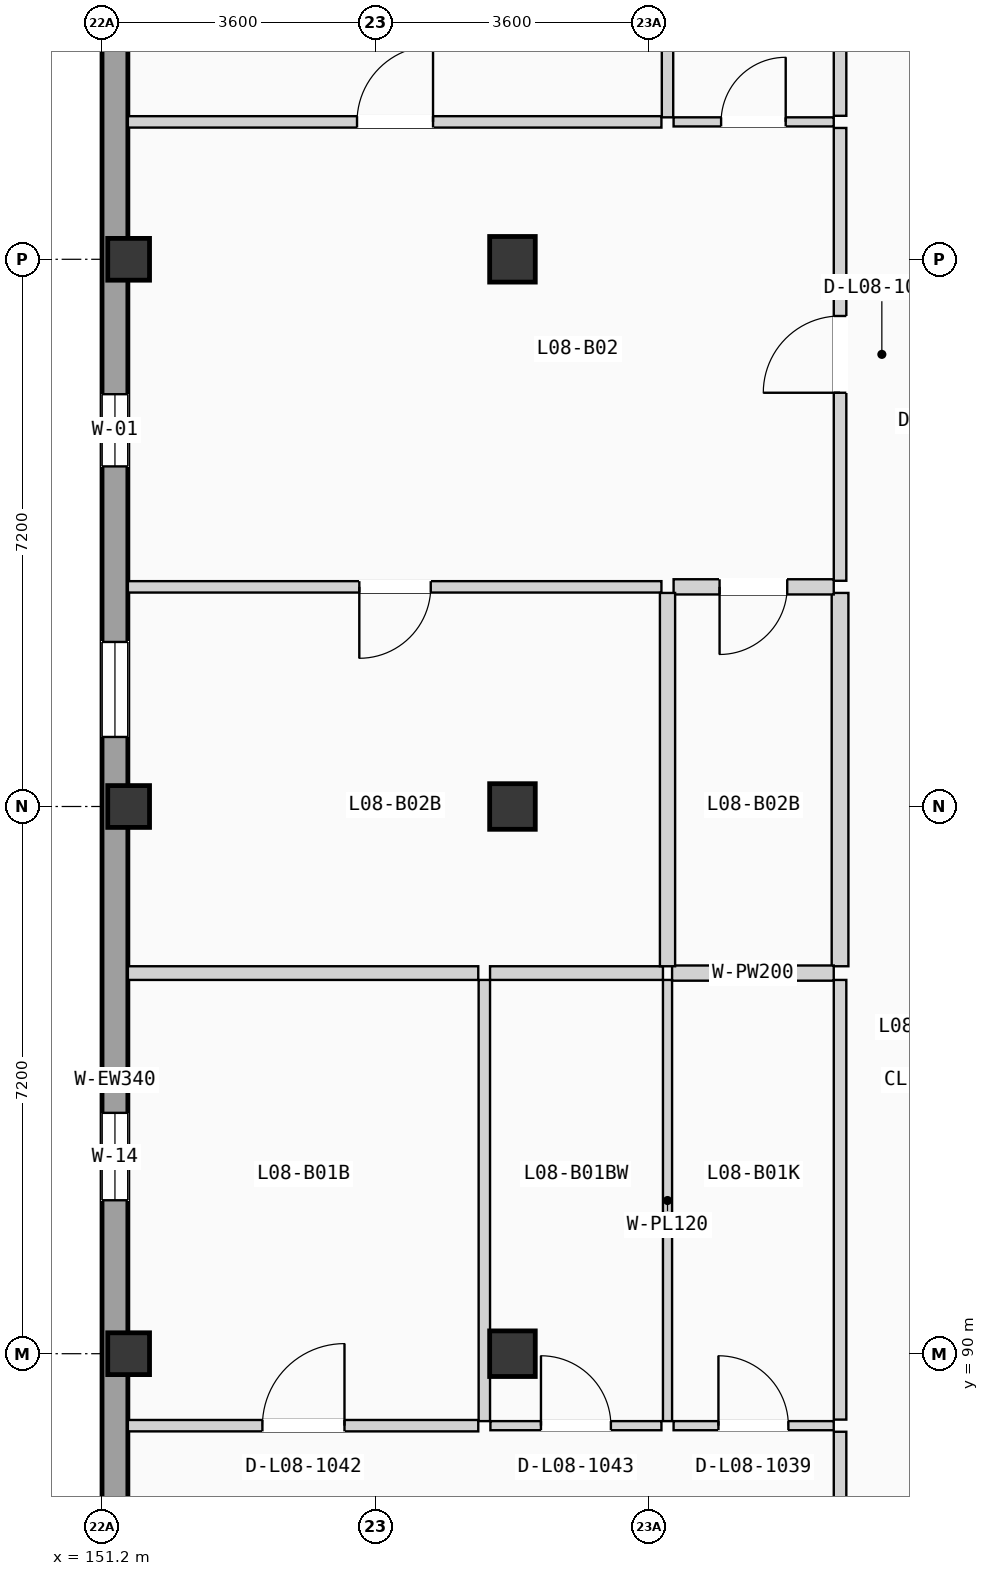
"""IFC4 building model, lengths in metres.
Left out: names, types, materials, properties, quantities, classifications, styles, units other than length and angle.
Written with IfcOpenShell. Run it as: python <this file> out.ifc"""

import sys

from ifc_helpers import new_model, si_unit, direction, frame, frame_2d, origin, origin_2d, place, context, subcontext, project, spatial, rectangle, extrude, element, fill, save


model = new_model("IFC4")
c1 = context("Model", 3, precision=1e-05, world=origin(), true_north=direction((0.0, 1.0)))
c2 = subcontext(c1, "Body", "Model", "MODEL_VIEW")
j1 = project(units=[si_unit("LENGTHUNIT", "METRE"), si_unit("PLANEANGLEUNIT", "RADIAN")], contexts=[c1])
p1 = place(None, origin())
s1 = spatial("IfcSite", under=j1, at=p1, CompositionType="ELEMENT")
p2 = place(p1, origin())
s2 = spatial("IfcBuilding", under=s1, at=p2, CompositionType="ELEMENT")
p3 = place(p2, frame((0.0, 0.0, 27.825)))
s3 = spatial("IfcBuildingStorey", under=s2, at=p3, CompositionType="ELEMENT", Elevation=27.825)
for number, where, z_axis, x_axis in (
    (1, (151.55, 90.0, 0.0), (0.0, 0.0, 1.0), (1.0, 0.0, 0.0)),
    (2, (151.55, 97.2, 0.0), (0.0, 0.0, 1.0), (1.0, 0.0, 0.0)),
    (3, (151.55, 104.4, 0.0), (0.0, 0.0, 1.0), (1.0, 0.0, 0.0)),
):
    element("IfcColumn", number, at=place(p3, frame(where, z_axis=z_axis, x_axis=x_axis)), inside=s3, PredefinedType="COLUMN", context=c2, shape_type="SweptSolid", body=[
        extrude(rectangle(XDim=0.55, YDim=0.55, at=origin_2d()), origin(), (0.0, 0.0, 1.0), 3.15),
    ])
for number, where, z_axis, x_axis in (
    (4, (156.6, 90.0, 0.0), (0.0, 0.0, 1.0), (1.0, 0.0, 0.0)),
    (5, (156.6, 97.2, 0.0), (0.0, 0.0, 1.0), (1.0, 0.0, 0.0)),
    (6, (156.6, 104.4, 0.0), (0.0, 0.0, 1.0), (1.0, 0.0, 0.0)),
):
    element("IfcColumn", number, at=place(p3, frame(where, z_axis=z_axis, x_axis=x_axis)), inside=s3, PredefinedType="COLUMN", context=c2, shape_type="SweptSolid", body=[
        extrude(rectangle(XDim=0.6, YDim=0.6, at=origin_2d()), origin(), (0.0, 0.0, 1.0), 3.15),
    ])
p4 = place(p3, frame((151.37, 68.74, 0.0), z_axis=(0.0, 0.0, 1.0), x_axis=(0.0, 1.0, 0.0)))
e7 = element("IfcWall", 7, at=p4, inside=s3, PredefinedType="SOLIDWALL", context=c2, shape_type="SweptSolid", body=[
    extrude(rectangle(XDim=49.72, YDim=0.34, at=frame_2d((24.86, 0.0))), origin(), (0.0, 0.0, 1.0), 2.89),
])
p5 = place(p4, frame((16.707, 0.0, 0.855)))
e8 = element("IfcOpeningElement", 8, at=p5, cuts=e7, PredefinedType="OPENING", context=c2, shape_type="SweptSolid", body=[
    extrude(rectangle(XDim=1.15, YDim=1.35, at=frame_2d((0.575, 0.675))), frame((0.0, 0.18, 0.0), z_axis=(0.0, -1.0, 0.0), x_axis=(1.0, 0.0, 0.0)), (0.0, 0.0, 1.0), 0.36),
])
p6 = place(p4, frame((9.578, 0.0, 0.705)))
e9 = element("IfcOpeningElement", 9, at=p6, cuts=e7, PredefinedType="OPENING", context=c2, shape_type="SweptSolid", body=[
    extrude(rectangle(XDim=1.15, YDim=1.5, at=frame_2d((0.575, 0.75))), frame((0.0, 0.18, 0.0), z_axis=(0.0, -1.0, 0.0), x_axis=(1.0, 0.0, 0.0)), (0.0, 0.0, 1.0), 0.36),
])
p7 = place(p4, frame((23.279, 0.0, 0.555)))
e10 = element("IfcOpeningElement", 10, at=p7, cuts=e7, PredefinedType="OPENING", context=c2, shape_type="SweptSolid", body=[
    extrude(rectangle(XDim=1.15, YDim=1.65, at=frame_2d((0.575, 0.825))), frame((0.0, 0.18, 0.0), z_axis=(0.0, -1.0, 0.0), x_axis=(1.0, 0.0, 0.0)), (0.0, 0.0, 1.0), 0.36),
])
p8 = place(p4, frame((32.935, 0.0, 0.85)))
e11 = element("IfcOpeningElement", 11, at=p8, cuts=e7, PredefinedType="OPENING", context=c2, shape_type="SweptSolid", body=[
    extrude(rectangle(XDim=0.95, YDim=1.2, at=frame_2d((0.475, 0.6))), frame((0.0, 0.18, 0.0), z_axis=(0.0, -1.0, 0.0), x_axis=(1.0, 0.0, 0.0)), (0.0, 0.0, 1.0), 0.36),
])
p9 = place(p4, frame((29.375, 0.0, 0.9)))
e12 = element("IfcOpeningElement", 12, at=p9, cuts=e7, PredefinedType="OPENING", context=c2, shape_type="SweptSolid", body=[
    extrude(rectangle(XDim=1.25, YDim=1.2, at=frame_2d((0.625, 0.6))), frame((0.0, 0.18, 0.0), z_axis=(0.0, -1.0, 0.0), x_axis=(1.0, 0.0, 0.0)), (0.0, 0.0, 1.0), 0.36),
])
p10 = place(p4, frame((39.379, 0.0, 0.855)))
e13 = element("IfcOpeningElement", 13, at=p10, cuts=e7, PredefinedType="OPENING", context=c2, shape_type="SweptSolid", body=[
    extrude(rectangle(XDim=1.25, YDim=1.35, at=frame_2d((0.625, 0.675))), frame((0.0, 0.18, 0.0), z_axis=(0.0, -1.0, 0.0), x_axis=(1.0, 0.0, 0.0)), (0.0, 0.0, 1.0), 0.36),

Your task
Because the pictures are not wanted, retype every record exactly without them.

Task answer
"""IFC4 building model, lengths in metres.
Left out: names, types, materials, properties, quantities, classifications, styles, units other than length and angle.
Written with IfcOpenShell. Run it as: python <this file> out.ifc"""

import sys

from ifc_helpers import new_model, si_unit, direction, frame, frame_2d, origin, origin_2d, place, context, subcontext, project, spatial, rectangle, extrude, element, fill, save


model = new_model("IFC4")
c1 = context("Model", 3, precision=1e-05, world=origin(), true_north=direction((0.0, 1.0)))
c2 = subcontext(c1, "Body", "Model", "MODEL_VIEW")
j1 = project(units=[si_unit("LENGTHUNIT", "METRE"), si_unit("PLANEANGLEUNIT", "RADIAN")], contexts=[c1])
p1 = place(None, origin())
s1 = spatial("IfcSite", under=j1, at=p1, CompositionType="ELEMENT")
p2 = place(p1, origin())
s2 = spatial("IfcBuilding", under=s1, at=p2, CompositionType="ELEMENT")
p3 = place(p2, frame((0.0, 0.0, 27.825)))
s3 = spatial("IfcBuildingStorey", under=s2, at=p3, CompositionType="ELEMENT", Elevation=27.825)
for number, where, z_axis, x_axis in (
    (1, (151.55, 90.0, 0.0), (0.0, 0.0, 1.0), (1.0, 0.0, 0.0)),
    (2, (151.55, 97.2, 0.0), (0.0, 0.0, 1.0), (1.0, 0.0, 0.0)),
    (3, (151.55, 104.4, 0.0), (0.0, 0.0, 1.0), (1.0, 0.0, 0.0)),
):
    element("IfcColumn", number, at=place(p3, frame(where, z_axis=z_axis, x_axis=x_axis)), inside=s3, PredefinedType="COLUMN", context=c2, shape_type="SweptSolid", body=[
        extrude(rectangle(XDim=0.55, YDim=0.55, at=origin_2d()), origin(), (0.0, 0.0, 1.0), 3.15),
    ])
for number, where, z_axis, x_axis in (
    (4, (156.6, 90.0, 0.0), (0.0, 0.0, 1.0), (1.0, 0.0, 0.0)),
    (5, (156.6, 97.2, 0.0), (0.0, 0.0, 1.0), (1.0, 0.0, 0.0)),
    (6, (156.6, 104.4, 0.0), (0.0, 0.0, 1.0), (1.0, 0.0, 0.0)),
):
    element("IfcColumn", number, at=place(p3, frame(where, z_axis=z_axis, x_axis=x_axis)), inside=s3, PredefinedType="COLUMN", context=c2, shape_type="SweptSolid", body=[
        extrude(rectangle(XDim=0.6, YDim=0.6, at=origin_2d()), origin(), (0.0, 0.0, 1.0), 3.15),
    ])
p4 = place(p3, frame((151.37, 68.74, 0.0), z_axis=(0.0, 0.0, 1.0), x_axis=(0.0, 1.0, 0.0)))
e7 = element("IfcWall", 7, at=p4, inside=s3, PredefinedType="SOLIDWALL", context=c2, shape_type="SweptSolid", body=[
    extrude(rectangle(XDim=49.72, YDim=0.34, at=frame_2d((24.86, 0.0))), origin(), (0.0, 0.0, 1.0), 2.89),
])
p5 = place(p4, frame((16.707, 0.0, 0.855)))
e8 = element("IfcOpeningElement", 8, at=p5, cuts=e7, PredefinedType="OPENING", context=c2, shape_type="SweptSolid", body=[
    extrude(rectangle(XDim=1.15, YDim=1.35, at=frame_2d((0.575, 0.675))), frame((0.0, 0.18, 0.0), z_axis=(0.0, -1.0, 0.0), x_axis=(1.0, 0.0, 0.0)), (0.0, 0.0, 1.0), 0.36),
])
p6 = place(p4, frame((9.578, 0.0, 0.705)))
e9 = element("IfcOpeningElement", 9, at=p6, cuts=e7, PredefinedType="OPENING", context=c2, shape_type="SweptSolid", body=[
    extrude(rectangle(XDim=1.15, YDim=1.5, at=frame_2d((0.575, 0.75))), frame((0.0, 0.18, 0.0), z_axis=(0.0, -1.0, 0.0), x_axis=(1.0, 0.0, 0.0)), (0.0, 0.0, 1.0), 0.36),
])
p7 = place(p4, frame((23.279, 0.0, 0.555)))
e10 = element("IfcOpeningElement", 10, at=p7, cuts=e7, PredefinedType="OPENING", context=c2, shape_type="SweptSolid", body=[
    extrude(rectangle(XDim=1.15, YDim=1.65, at=frame_2d((0.575, 0.825))), frame((0.0, 0.18, 0.0), z_axis=(0.0, -1.0, 0.0), x_axis=(1.0, 0.0, 0.0)), (0.0, 0.0, 1.0), 0.36),
])
p8 = place(p4, frame((32.935, 0.0, 0.85)))
e11 = element("IfcOpeningElement", 11, at=p8, cuts=e7, PredefinedType="OPENING", context=c2, shape_type="SweptSolid", body=[
    extrude(rectangle(XDim=0.95, YDim=1.2, at=frame_2d((0.475, 0.6))), frame((0.0, 0.18, 0.0), z_axis=(0.0, -1.0, 0.0), x_axis=(1.0, 0.0, 0.0)), (0.0, 0.0, 1.0), 0.36),
])
p9 = place(p4, frame((29.375, 0.0, 0.9)))
e12 = element("IfcOpeningElement", 12, at=p9, cuts=e7, PredefinedType="OPENING", context=c2, shape_type="SweptSolid", body=[
    extrude(rectangle(XDim=1.25, YDim=1.2, at=frame_2d((0.625, 0.6))), frame((0.0, 0.18, 0.0), z_axis=(0.0, -1.0, 0.0), x_axis=(1.0, 0.0, 0.0)), (0.0, 0.0, 1.0), 0.36),
])
p10 = place(p4, frame((39.379, 0.0, 0.855)))
e13 = element("IfcOpeningElement", 13, at=p10, cuts=e7, PredefinedType="OPENING", context=c2, shape_type="SweptSolid", body=[
    extrude(rectangle(XDim=1.25, YDim=1.35, at=frame_2d((0.625, 0.675))), frame((0.0, 0.18, 0.0), z_axis=(0.0, -1.0, 0.0), x_axis=(1.0, 0.0, 0.0)), (0.0, 0.0, 1.0), 0.36),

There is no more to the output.